### WORK INSTRUCTION
Below are the records; copy each line in them that holds the word "import".

[Items from a data source]
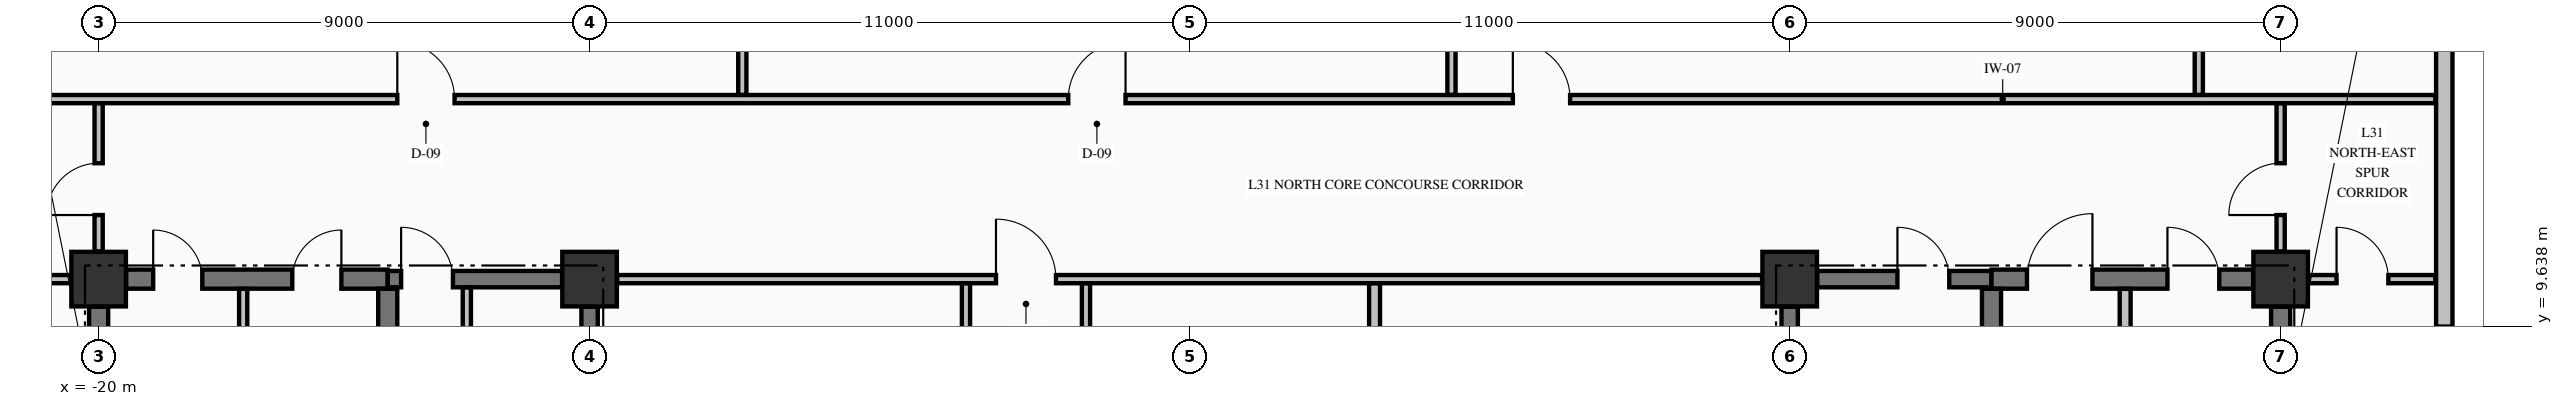
"""IFC4 building model, lengths in metres.
Left out: names, types, materials, properties, quantities, classifications, styles, units other than length and angle.
Written with IfcOpenShell. Run it as: python <this file> out.ifc"""

import sys

from ifc_helpers import new_model, si_unit, direction, frame, frame_2d, origin, origin_2d, place, context, subcontext, project, spatial, rectangle, extrude, element, fill, save


model = new_model("IFC4")
c1 = context("Model", 3, precision=1e-05, world=origin(), true_north=direction((0.0, 1.0)))
c2 = subcontext(c1, "Body", "Model", "MODEL_VIEW")
j1 = project(units=[si_unit("LENGTHUNIT", "METRE"), si_unit("PLANEANGLEUNIT", "RADIAN")], contexts=[c1])
p1 = place(None, origin())
s1 = spatial("IfcSite", under=j1, at=p1, CompositionType="ELEMENT")
p2 = place(p1, origin())
s2 = spatial("IfcBuilding", under=s1, at=p2, CompositionType="ELEMENT")
p3 = place(p2, frame((0.0, 0.0, 124.92)))
s3 = spatial("IfcBuildingStorey", under=s2, at=p3, CompositionType="ELEMENT", Elevation=124.92)
for number, where, z_axis, x_axis in (
    (1, (-20.0, 10.5, -0.25), (0.0, 0.0, 1.0), (1.0, 0.0, 0.0)),
    (2, (-11.0, 10.5, -0.25), (0.0, 0.0, 1.0), (1.0, 0.0, 0.0)),
    (3, (11.0, 10.5, -0.25), (0.0, 0.0, 1.0), (1.0, 0.0, 0.0)),
    (4, (20.0, 10.5, -0.25), (0.0, 0.0, 1.0), (1.0, 0.0, 0.0)),
):
    element("IfcColumn", number, at=place(p3, frame(where, z_axis=z_axis, x_axis=x_axis)), inside=s3, PredefinedType="COLUMN", context=c2, shape_type="SweptSolid", body=[
        extrude(rectangle(XDim=1.0, YDim=1.0, at=origin_2d()), origin(), (0.0, 0.0, 1.0), 3.57),
    ])
p4 = place(p3, frame((23.0, 9.63, 0.0), z_axis=(0.0, 0.0, 1.0), x_axis=(0.0, 1.0, 0.0)))
e5 = element("IfcWall", 5, at=p4, inside=s3, PredefinedType="STANDARD", context=c2, shape_type="SweptSolid", body=[
    extrude(rectangle(XDim=10.74, YDim=0.3, at=frame_2d((5.37, 0.0))), origin(), (0.0, 0.0, 1.0), 2.712),
])
p5 = place(p3, frame((-19.496, 10.5, 0.0), z_axis=(0.0, 0.0, 1.0), x_axis=(1.0, 0.0, 0.0)))
e6 = element("IfcWall", 6, at=p5, inside=s3, PredefinedType="SHEAR", context=c2, shape_type="SweptSolid", body=[
    extrude(rectangle(XDim=4.796, YDim=0.35, at=frame_2d((2.398, 0.0))), origin(), (0.0, 0.0, 1.0), 3.32),
])
p6 = place(p5, frame((0.496, 0.0, 0.0)))
e7 = element("IfcOpeningElement", 7, at=p6, cuts=e6, PredefinedType="OPENING", context=c2, shape_type="SweptSolid", body=[
    extrude(rectangle(XDim=0.9, YDim=2.15, at=frame_2d((0.45, 1.075))), frame((0.0, 0.185, 0.0), z_axis=(0.0, -1.0, 0.0), x_axis=(1.0, 0.0, 0.0)), (0.0, 0.0, 1.0), 0.37),
])
p7 = place(p5, frame((3.046, 0.0, 0.0)))
e8 = element("IfcOpeningElement", 8, at=p7, cuts=e6, PredefinedType="OPENING", context=c2, shape_type="SweptSolid", body=[
    extrude(rectangle(XDim=0.9, YDim=2.15, at=frame_2d((0.45, 1.075))), frame((0.0, 0.185, 0.0), z_axis=(0.0, -1.0, 0.0), x_axis=(1.0, 0.0, 0.0)), (0.0, 0.0, 1.0), 0.37),
])
p8 = place(p3, frame((-14.7, 10.5, 0.0), z_axis=(0.0, 0.0, 1.0), x_axis=(1.0, 0.0, 0.0)))
e9 = element("IfcWall", 9, at=p8, inside=s3, PredefinedType="SHEAR", context=c2, shape_type="SweptSolid", body=[
    extrude(rectangle(XDim=3.196, YDim=0.3, at=frame_2d((1.598, 0.0))), origin(), (0.0, 0.0, 1.0), 3.32),
])
p9 = place(p8, frame((0.245, 0.0, 0.0)))
e10 = element("IfcOpeningElement", 10, at=p9, cuts=e9, PredefinedType="OPENING", context=c2, shape_type="SweptSolid", body=[
    extrude(rectangle(XDim=0.95, YDim=2.15, at=frame_2d((0.475, 1.075))), frame((0.0, 0.16, 0.0), z_axis=(0.0, -1.0, 0.0), x_axis=(1.0, 0.0, 0.0)), (0.0, 0.0, 1.0), 0.32),
])
p10 = place(p3, frame((11.504, 10.5, 0.0), z_axis=(0.0, 0.0, 1.0), x_axis=(1.0, 0.0, 0.0)))
e11 = element("IfcWall", 11, at=p10, inside=s3, PredefinedType="SHEAR", context=c2, shape_type="SweptSolid", body=[
    extrude(rectangle(XDim=3.196, YDim=0.3, at=frame_2d((1.598, 0.0))), origin(), (0.0, 0.0, 1.0), 3.32),
])
p11 = place(p10, frame((1.471, 0.0, 0.0)))
e12 = element("IfcOpeningElement", 12, at=p11, cuts=e11, PredefinedType="OPENING", context=c2, shape_type="SweptSolid", body=[
    extrude(rectangle(XDim=0.95, YDim=2.15, at=frame_2d((0.475, 1.075))), frame((0.0, 0.16, 0.0), z_axis=(0.0, -1.0, 0.0), x_axis=(1.0, 0.0, 0.0)), (0.0, 0.0, 1.0), 0.32),
])
p12 = place(p3, frame((14.7, 10.5, 0.0), z_axis=(0.0, 0.0, 1.0), x_axis=(1.0, 0.0, 0.0)))
e13 = element("IfcWall", 13, at=p12, inside=s3, PredefinedType="SHEAR", context=c2, shape_type="SweptSolid", body=[
    extrude(rectangle(XDim=4.796, YDim=0.35, at=frame_2d((2.398, 0.0))), origin(), (0.0, 0.0, 1.0), 3.32),
])
p13 = place(p12, frame((0.65, 0.0, 0.0)))
e14 = element("IfcOpeningElement", 14, at=p13, cuts=e13, PredefinedType="OPENING", context=c2, shape_type="SweptSolid", body=[
    extrude(rectangle(XDim=1.2, YDim=2.15, at=frame_2d((0.6, 1.075))), frame((0.0, 0.185, 0.0), z_axis=(0.0, -1.0, 0.0), x_axis=(1.0, 0.0, 0.0)), (0.0, 0.0, 1.0), 0.37),
])
p14 = place(p12, frame((3.225, 0.0, 0.0)))
e15 = element("IfcOpeningElement", 15, at=p14, cuts=e13, PredefinedType="OPENING", context=c2, shape_type="SweptSolid", body=[
    extrude(rectangle(XDim=0.95, YDim=2.15, at=frame_2d((0.475, 1.075))), frame((0.0, 0.185, 0.0), z_axis=(0.0, -1.0, 0.0), x_axis=(1.0, 0.0, 0.0)), (0.0, 0.0, 1.0), 0.37),
])
p15 = place(p3, frame((-27.835, 10.5, 0.0), z_axis=(0.0, 0.0, 1.0), x_axis=(1.0, 0.0, 0.0)))
e16 = element("IfcWall", 16, at=p15, inside=s3, PredefinedType="PARTITIONING", context=c2, shape_type="SweptSolid", body=[
    extrude(rectangle(XDim=7.329, YDim=0.15, at=frame_2d((3.665, 0.0))), origin(), (0.0, 0.0, 1.0), 3.32),
])
p16 = place(p15, frame((3.335, 0.0, 0.0)))
e17 = element("IfcOpeningElement", 17, at=p16, cuts=e16, PredefinedType="OPENING", context=c2, shape_type="SweptSolid", body=[
    extrude(rectangle(XDim=1.0, YDim=2.15, at=frame_2d((0.5, 1.075))), frame((0.0, 0.085, 0.0), z_axis=(0.0, -1.0, 0.0), x_axis=(1.0, 0.0, 0.0)), (0.0, 0.0, 1.0), 0.17),
])
p17 = place(p3, frame((-10.494, 10.5, 0.0), z_axis=(0.0, 0.0, 1.0), x_axis=(1.0, 0.0, 0.0)))
e18 = element("IfcWall", 18, at=p17, inside=s3, PredefinedType="PARTITIONING", context=c2, shape_type="SweptSolid", body=[
    extrude(rectangle(XDim=20.988, YDim=0.15, at=frame_2d((10.494, 0.0))), origin(), (0.0, 0.0, 1.0), 3.32),
])
p18 = place(p17, frame((6.944, 0.0, 0.0)))
e19 = element("IfcOpeningElement", 19, at=p18, cuts=e18, PredefinedType="OPENING", context=c2, shape_type="SweptSolid", body=[
    extrude(rectangle(XDim=1.1, YDim=2.15, at=frame_2d((0.55, 1.075))), frame((0.0, 0.085, 0.0), z_axis=(0.0, -1.0, 0.0), x_axis=(1.0, 0.0, 0.0)), (0.0, 0.0, 1.0), 0.17),
])
p19 = place(p3, frame((20.506, 10.5, 0.0), z_axis=(0.0, 0.0, 1.0), x_axis=(1.0, 0.0, 0.0)))
e20 = element("IfcWall", 20, at=p19, inside=s3, PredefinedType="PARTITIONING", context=c2, shape_type="SweptSolid", body=[
    extrude(rectangle(XDim=2.329, YDim=0.15, at=frame_2d((1.165, 0.0))), origin(), (0.0, 0.0, 1.0), 3.32),
])
p20 = place(p19, frame((0.519, 0.0, 0.0)))
e21 = element("IfcOpeningElement", 21, at=p20, cuts=e20, PredefinedType="OPENING", context=c2, shape_type="SweptSolid", body=[
    extrude(rectangle(XDim=0.95, YDim=2.15, at=frame_2d((0.475, 1.075))), frame((0.0, 0.085, 0.0), z_axis=(0.0, -1.0, 0.0), x_axis=(1.0, 0.0, 0.0)), (0.0, 0.0, 1.0), 0.17),
])
p21 = place(p3, frame((-27.835, 13.8, 0.0), z_axis=(0.0, 0.0, 1.0), x_axis=(1.0, 0.0, 0.0)))
e22 = element("IfcWall", 22, at=p21, inside=s3, PredefinedType="PARTITIONING", context=c2, shape_type="SweptSolid", body=[
    extrude(rectangle(XDim=50.67, YDim=0.15, at=frame_2d((25.335, 0.0))), origin(), (0.0, 0.0, 1.0), 3.32),
])
p22 = place(p21, frame((13.31, 0.0, 0.0)))
e23 = element("IfcOpeningElement", 23, at=p22, cuts=e22, PredefinedType="OPENING", context=c2, shape_type="SweptSolid", body=[
    extrude(rectangle(XDim=1.05, YDim=2.15, at=frame_2d((0.525, 1.075))), frame((0.0, 0.085, 0.0), z_axis=(0.0, -1.0, 0.0), x_axis=(1.0, 0.0, 0.0)), (0.0, 0.0, 1.0), 0.17),
])
p23 = place(p21, frame((25.61, 0.0, 0.0)))
e24 = element("IfcOpeningElement", 24, at=p23, cuts=e22, PredefinedType="OPENING", context=c2, shape_type="SweptSolid", body=[
    extrude(rectangle(XDim=1.05, YDim=2.15, at=frame_2d((0.525, 1.075))), frame((0.0, 0.085, 0.0), z_axis=(0.0, -1.0, 0.0), x_axis=(1.0, 0.0, 0.0)), (0.0, 0.0, 1.0), 0.17),
])
p24 = place(p21, frame((33.76, 0.0, 0.0)))
e25 = element("IfcOpeningElement", 25, at=p24, cuts=e22, PredefinedType="OPENING", context=c2, shape_type="SweptSolid", body=[
    extrude(rectangle(XDim=1.05, YDim=2.15, at=frame_2d((0.525, 1.075))), frame((0.0, 0.085, 0.0), z_axis=(0.0, -1.0, 0.0), x_axis=(1.0, 0.0, 0.0)), (0.0, 0.0, 1.0), 0.17),
])
p25 = place(p3, frame((-20.0, 0.504, 0.0), z_axis=(0.0, 0.0, 1.0), x_axis=(0.0, 1.0, 0.0)))
e26 = element("IfcWall", 26, at=p25, inside=s3, PredefinedType="SHEAR", context=c2, shape_type="SweptSolid", body=[
    extrude(rectangle(XDim=9.492, YDim=0.35, at=frame_2d((4.746, 0.0))), origin(), (0.0, 0.0, 1.0), 3.32),
])
p26 = place(p3, frame((-14.7, 5.852, 0.0), z_axis=(0.0, 0.0, 1.0), x_axis=(0.0, 1.0, 0.0)))
e27 = element("IfcWall", 27, at=p26, inside=s3, PredefinedType="SHEAR", context=c2, shape_type="SweptSolid", body=[
    extrude(rectangle(XDim=4.471, YDim=0.35, at=frame_2d((2.235, 0.0))), origin(), (0.0, 0.0, 1.0), 3.32),
])
for number, where, z_axis, x_axis in (
    (28, (-11.0, 5.852, 0.0), (0.0, 0.0, 1.0), (0.0, 1.0, 0.0)),
    (29, (11.0, 5.852, 0.0), (0.0, 0.0, 1.0), (0.0, 1.0, 0.0)),
):
    element("IfcWall", number, at=place(p3, frame(where, z_axis=z_axis, x_axis=x_axis)), inside=s3, PredefinedType="SHEAR", context=c2, shape_type="SweptSolid", body=[
        extrude(rectangle(XDim=4.144, YDim=0.3, at=frame_2d((2.072, 0.0))), origin(), (0.0, 0.0, 1.0), 3.32),
    ])
p27 = place(p3, frame((14.7, 5.852, 0.0), z_axis=(0.0, 0.0, 1.0), x_axis=(0.0, 1.0, 0.0)))
e30 = element("IfcWall", 30, at=p27, inside=s3, PredefinedType="SHEAR", context=c2, shape_type="SweptSolid", body=[
    extrude(rectangle(XDim=4.471, YDim=0.35, at=frame_2d((2.235, 0.0))), origin(), (0.0, 0.0, 1.0), 3.32),
])
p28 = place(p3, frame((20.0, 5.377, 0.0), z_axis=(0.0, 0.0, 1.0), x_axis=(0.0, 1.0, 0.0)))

### ANSWER BELOW
import sys
from ifc_helpers import new_model, si_unit, direction, frame, frame_2d, origin, origin_2d, place, context, subcontext, project, spatial, rectangle, extrude, element, fill, save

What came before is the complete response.